TASK REQUIREMENTS:
Return, from the material below, each line in which the word "project" is present.

DATASET ENTRIES:

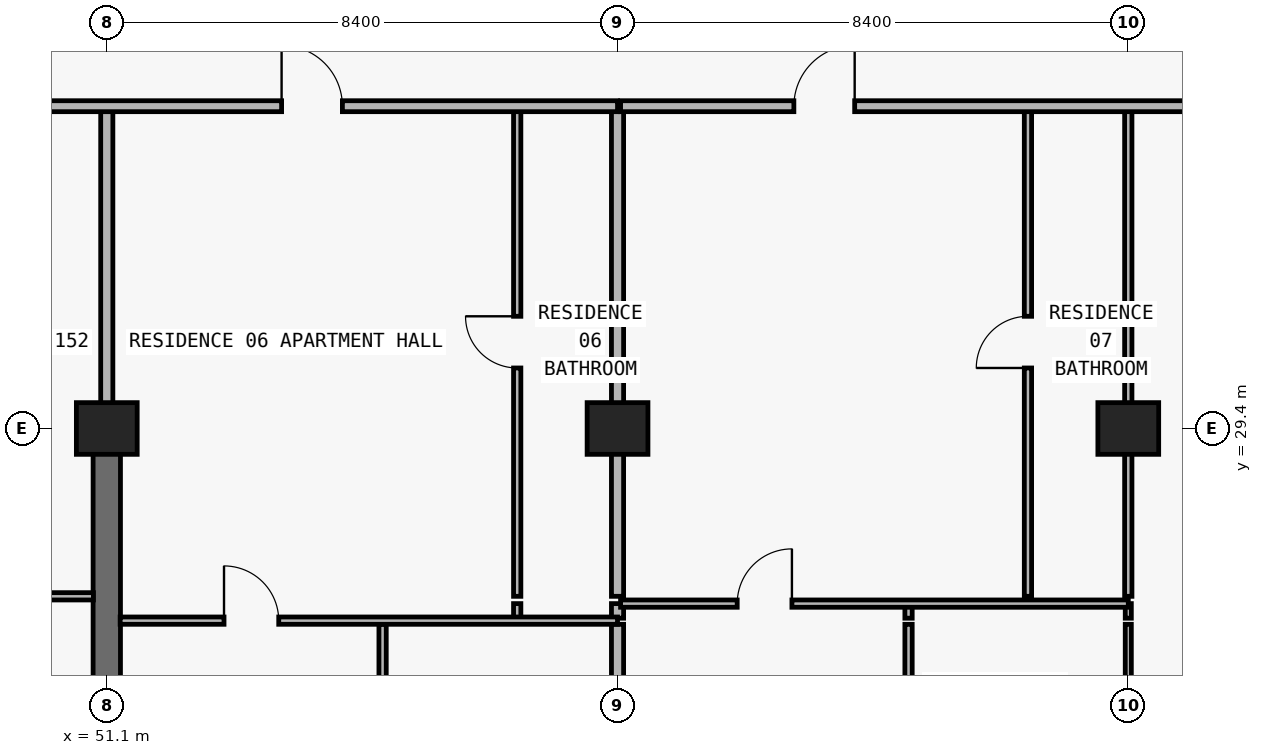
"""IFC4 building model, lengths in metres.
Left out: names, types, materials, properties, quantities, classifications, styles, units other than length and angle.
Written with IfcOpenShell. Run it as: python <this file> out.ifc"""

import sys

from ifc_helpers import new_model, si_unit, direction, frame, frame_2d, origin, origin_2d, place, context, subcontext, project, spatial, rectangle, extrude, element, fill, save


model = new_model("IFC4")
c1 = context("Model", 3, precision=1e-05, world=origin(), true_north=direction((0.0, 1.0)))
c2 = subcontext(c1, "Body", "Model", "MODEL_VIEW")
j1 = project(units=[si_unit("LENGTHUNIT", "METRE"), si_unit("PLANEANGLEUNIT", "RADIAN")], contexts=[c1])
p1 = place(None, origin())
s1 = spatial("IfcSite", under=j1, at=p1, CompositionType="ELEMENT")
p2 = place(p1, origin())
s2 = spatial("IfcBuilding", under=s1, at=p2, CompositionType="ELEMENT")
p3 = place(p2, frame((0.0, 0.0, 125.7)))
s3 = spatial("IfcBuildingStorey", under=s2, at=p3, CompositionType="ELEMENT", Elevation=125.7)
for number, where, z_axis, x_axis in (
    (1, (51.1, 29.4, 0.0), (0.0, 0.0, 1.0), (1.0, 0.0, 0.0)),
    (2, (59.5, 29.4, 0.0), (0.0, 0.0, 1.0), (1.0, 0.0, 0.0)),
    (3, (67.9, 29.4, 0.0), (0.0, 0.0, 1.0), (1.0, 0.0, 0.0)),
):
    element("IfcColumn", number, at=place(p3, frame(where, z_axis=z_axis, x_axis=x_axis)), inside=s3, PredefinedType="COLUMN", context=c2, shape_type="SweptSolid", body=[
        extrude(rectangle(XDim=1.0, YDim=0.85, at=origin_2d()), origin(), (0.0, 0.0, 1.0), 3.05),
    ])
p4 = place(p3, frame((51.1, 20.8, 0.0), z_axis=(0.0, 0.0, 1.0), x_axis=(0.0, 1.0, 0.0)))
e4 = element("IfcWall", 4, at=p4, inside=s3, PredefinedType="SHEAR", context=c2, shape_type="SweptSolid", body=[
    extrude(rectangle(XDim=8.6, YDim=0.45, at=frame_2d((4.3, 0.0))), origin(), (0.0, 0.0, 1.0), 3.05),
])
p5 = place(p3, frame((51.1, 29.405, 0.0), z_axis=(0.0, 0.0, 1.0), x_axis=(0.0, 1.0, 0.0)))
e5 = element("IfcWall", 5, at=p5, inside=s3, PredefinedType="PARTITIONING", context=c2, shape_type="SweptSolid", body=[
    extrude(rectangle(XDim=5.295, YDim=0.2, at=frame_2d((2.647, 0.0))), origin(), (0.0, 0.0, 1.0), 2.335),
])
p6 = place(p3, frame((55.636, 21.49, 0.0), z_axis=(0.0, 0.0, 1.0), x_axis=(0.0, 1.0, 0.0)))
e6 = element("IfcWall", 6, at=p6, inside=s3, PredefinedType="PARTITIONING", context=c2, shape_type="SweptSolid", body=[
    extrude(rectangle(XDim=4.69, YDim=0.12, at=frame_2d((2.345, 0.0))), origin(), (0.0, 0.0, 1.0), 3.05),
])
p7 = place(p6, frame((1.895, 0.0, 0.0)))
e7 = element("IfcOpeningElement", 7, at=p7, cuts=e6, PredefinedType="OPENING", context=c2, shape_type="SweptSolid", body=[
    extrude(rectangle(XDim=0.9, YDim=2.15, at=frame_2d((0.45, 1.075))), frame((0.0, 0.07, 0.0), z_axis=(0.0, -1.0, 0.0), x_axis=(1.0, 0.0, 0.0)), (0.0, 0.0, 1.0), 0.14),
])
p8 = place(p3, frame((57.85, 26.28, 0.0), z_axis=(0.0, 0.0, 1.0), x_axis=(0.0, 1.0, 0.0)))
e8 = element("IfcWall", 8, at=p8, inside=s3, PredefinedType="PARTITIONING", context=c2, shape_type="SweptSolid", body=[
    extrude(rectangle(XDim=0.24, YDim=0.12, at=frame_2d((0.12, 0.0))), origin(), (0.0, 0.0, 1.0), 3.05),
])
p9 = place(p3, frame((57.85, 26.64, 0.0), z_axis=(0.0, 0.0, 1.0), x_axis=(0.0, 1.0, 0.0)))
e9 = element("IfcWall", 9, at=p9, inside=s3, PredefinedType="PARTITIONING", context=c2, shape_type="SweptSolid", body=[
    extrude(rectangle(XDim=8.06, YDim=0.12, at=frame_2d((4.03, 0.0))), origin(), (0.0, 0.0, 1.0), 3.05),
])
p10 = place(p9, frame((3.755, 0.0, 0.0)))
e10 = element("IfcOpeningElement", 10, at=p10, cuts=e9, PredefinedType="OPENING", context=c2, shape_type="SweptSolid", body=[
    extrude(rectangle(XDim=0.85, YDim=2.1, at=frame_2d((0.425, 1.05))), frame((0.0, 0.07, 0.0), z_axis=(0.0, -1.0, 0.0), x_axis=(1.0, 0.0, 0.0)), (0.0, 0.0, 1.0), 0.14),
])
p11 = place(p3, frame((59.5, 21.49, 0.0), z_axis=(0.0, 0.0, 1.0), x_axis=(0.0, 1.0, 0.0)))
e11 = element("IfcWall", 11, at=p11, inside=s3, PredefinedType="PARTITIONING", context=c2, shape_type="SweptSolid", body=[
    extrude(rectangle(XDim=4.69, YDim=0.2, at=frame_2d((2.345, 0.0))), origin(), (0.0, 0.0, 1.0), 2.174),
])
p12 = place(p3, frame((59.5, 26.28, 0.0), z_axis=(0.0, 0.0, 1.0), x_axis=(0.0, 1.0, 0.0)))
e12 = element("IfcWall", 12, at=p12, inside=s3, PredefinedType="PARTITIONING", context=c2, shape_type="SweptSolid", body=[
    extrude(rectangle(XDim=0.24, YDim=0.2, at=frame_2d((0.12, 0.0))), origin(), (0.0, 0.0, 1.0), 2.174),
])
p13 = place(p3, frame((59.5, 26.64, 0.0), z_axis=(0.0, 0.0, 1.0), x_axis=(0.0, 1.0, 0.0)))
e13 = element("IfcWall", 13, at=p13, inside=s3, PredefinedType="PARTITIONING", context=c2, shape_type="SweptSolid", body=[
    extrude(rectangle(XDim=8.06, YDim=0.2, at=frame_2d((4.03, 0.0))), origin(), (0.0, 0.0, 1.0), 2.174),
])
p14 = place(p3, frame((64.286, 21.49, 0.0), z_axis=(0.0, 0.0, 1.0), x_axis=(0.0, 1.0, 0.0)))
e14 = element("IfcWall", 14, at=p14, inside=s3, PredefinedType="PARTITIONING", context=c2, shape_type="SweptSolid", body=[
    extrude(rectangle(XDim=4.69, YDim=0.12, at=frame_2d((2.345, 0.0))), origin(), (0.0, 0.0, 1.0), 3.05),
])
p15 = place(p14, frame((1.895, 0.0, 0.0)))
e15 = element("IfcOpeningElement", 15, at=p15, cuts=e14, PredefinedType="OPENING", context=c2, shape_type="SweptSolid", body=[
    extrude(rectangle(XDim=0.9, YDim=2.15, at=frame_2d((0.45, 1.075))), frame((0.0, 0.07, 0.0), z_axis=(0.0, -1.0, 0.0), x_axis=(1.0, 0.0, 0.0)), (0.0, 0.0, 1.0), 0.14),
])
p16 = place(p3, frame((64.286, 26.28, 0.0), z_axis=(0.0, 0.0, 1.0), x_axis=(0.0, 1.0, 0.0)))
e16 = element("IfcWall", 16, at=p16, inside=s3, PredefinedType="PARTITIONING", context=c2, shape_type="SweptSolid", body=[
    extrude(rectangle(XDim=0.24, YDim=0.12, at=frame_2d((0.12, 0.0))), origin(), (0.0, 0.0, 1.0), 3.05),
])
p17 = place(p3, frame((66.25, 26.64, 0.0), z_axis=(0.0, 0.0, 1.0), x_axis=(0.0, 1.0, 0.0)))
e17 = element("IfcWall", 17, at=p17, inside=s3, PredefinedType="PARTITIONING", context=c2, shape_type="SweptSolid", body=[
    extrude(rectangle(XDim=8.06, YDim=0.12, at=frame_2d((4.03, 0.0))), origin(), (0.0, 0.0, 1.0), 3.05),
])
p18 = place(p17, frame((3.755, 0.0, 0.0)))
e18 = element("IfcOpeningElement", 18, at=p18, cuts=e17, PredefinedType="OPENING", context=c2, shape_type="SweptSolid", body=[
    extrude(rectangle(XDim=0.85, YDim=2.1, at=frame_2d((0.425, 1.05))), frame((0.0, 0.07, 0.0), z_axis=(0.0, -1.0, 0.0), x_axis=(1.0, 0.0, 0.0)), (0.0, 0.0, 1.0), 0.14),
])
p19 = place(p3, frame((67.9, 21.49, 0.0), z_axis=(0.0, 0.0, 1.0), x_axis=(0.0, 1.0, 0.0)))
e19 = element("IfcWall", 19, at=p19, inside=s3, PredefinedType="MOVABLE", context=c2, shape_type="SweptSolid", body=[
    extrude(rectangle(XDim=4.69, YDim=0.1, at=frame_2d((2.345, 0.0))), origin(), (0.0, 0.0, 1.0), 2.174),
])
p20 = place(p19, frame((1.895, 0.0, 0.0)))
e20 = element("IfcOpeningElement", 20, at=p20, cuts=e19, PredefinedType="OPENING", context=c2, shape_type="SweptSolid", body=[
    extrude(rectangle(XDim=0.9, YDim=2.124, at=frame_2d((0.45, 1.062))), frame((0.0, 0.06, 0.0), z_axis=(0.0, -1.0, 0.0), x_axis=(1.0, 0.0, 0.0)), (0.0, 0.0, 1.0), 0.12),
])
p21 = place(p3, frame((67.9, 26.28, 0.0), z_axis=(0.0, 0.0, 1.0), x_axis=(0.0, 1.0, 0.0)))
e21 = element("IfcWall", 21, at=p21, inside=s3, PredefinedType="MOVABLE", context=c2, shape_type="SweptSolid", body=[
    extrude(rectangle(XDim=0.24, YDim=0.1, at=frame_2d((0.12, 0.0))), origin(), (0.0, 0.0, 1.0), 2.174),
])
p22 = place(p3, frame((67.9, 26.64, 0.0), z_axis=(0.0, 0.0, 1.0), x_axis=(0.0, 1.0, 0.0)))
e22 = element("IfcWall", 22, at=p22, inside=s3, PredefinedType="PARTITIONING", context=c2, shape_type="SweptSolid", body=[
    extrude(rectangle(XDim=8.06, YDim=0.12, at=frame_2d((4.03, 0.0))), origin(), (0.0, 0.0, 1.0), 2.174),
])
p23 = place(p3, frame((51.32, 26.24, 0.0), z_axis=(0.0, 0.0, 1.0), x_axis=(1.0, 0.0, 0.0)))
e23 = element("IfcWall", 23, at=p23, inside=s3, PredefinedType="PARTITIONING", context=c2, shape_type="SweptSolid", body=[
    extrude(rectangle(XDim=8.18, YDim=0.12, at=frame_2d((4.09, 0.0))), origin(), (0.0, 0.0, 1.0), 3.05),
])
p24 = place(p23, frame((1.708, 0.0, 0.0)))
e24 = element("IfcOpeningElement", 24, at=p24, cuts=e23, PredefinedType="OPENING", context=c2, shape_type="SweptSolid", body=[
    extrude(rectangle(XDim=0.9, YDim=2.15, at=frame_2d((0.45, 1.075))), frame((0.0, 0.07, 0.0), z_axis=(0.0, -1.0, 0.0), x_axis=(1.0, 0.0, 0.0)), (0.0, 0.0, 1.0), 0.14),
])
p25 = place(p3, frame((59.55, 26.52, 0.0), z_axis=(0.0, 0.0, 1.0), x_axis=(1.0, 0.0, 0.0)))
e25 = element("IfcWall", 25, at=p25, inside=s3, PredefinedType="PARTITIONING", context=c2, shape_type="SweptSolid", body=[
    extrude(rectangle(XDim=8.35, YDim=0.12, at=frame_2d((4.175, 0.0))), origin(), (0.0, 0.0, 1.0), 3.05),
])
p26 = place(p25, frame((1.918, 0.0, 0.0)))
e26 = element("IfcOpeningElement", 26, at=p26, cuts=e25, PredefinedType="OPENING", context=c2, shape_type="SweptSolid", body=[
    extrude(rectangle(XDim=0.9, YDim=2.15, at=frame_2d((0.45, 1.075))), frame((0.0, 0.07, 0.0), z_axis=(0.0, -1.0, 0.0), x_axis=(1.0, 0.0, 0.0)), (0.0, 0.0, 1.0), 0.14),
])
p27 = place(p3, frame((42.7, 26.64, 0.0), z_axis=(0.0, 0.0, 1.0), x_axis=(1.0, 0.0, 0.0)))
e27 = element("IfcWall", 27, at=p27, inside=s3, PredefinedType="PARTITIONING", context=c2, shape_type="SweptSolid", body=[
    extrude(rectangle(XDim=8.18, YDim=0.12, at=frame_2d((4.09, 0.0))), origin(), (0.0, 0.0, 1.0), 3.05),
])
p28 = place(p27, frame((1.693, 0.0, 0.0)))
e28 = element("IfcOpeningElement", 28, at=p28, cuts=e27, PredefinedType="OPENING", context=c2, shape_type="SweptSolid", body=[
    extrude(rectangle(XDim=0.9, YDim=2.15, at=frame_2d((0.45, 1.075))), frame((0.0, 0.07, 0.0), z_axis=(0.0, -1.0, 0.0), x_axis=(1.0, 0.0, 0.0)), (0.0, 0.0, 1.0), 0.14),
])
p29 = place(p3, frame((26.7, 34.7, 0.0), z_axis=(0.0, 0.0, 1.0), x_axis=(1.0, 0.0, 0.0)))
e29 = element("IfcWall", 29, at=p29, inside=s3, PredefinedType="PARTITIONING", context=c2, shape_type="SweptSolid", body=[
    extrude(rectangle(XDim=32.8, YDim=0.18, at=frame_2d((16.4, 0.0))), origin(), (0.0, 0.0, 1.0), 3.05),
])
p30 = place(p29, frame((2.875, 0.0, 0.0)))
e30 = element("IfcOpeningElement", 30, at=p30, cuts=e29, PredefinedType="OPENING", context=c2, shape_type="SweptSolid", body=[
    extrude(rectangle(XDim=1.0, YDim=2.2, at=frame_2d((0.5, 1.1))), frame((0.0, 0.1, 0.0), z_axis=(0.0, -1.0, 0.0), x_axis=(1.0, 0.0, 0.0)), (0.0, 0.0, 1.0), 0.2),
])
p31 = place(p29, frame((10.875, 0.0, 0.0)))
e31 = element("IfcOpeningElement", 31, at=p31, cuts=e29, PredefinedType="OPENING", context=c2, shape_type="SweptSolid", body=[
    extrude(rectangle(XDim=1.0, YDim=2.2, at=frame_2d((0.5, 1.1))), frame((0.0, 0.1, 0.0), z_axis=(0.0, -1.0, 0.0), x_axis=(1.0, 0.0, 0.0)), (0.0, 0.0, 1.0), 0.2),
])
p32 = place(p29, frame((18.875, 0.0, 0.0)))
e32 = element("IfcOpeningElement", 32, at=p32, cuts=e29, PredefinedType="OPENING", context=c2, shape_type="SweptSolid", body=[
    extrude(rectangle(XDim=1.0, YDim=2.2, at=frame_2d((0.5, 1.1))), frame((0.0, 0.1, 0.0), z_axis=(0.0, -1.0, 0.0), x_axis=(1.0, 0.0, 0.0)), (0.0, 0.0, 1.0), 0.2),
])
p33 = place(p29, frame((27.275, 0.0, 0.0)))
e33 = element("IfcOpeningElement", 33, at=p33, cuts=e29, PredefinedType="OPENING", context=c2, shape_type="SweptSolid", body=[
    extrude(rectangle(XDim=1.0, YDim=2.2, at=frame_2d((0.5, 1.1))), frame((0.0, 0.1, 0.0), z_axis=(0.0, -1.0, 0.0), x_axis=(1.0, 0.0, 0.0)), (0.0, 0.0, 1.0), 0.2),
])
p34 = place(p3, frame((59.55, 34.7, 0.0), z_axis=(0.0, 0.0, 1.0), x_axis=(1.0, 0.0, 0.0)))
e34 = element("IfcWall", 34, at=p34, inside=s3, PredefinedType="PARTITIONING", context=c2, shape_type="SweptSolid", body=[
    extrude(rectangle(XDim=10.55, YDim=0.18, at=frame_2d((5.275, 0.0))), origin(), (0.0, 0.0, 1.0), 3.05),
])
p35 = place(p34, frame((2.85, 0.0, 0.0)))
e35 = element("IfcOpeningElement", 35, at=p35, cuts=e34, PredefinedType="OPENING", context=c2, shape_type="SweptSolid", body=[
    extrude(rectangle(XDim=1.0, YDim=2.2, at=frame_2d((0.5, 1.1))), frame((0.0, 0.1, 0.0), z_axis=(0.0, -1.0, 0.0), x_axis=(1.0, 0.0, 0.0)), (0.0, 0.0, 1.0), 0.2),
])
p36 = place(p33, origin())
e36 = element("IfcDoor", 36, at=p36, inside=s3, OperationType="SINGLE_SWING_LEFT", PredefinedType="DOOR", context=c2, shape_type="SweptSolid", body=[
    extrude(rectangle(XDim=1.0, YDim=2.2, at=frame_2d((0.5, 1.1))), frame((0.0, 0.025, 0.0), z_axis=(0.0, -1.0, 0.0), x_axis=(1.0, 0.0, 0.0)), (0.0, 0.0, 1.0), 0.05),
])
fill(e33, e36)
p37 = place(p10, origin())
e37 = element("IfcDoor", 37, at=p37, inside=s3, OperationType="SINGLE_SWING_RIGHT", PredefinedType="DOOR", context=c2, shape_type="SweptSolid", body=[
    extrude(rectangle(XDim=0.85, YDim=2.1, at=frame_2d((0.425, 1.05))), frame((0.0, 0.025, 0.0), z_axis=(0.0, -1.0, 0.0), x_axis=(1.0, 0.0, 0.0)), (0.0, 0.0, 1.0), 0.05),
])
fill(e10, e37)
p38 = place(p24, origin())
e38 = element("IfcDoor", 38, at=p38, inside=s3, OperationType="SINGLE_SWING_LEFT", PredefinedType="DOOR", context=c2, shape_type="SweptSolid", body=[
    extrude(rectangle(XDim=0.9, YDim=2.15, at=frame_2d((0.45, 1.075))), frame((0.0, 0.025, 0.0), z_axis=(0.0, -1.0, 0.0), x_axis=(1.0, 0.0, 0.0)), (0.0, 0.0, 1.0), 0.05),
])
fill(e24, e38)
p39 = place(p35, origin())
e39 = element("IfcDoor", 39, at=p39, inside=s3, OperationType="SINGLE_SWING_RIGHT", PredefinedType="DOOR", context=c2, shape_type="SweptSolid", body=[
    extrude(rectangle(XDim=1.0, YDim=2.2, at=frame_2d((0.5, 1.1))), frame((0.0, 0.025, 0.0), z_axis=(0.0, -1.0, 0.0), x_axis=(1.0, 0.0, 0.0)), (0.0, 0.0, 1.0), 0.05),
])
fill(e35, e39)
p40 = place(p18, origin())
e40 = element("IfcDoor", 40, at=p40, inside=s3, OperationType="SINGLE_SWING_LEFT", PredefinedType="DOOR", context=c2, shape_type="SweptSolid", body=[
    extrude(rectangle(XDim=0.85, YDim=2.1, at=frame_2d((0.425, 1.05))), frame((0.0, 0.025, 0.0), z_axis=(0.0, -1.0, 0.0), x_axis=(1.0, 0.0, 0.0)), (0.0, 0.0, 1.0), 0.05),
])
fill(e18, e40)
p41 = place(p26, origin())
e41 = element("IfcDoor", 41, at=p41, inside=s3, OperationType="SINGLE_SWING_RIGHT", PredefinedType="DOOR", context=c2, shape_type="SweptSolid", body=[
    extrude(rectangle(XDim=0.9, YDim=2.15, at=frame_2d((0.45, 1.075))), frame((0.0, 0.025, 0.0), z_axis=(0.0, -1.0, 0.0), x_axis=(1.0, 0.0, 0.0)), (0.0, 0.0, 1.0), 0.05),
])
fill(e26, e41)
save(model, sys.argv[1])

OUTPUT FOR THIS EXERCISE:
from ifc_helpers import new_model, si_unit, direction, frame, frame_2d, origin, origin_2d, place, context, subcontext, project, spatial, rectangle, extrude, element, fill, save
j1 = project(units=[si_unit("LENGTHUNIT", "METRE"), si_unit("PLANEANGLEUNIT", "RADIAN")], contexts=[c1])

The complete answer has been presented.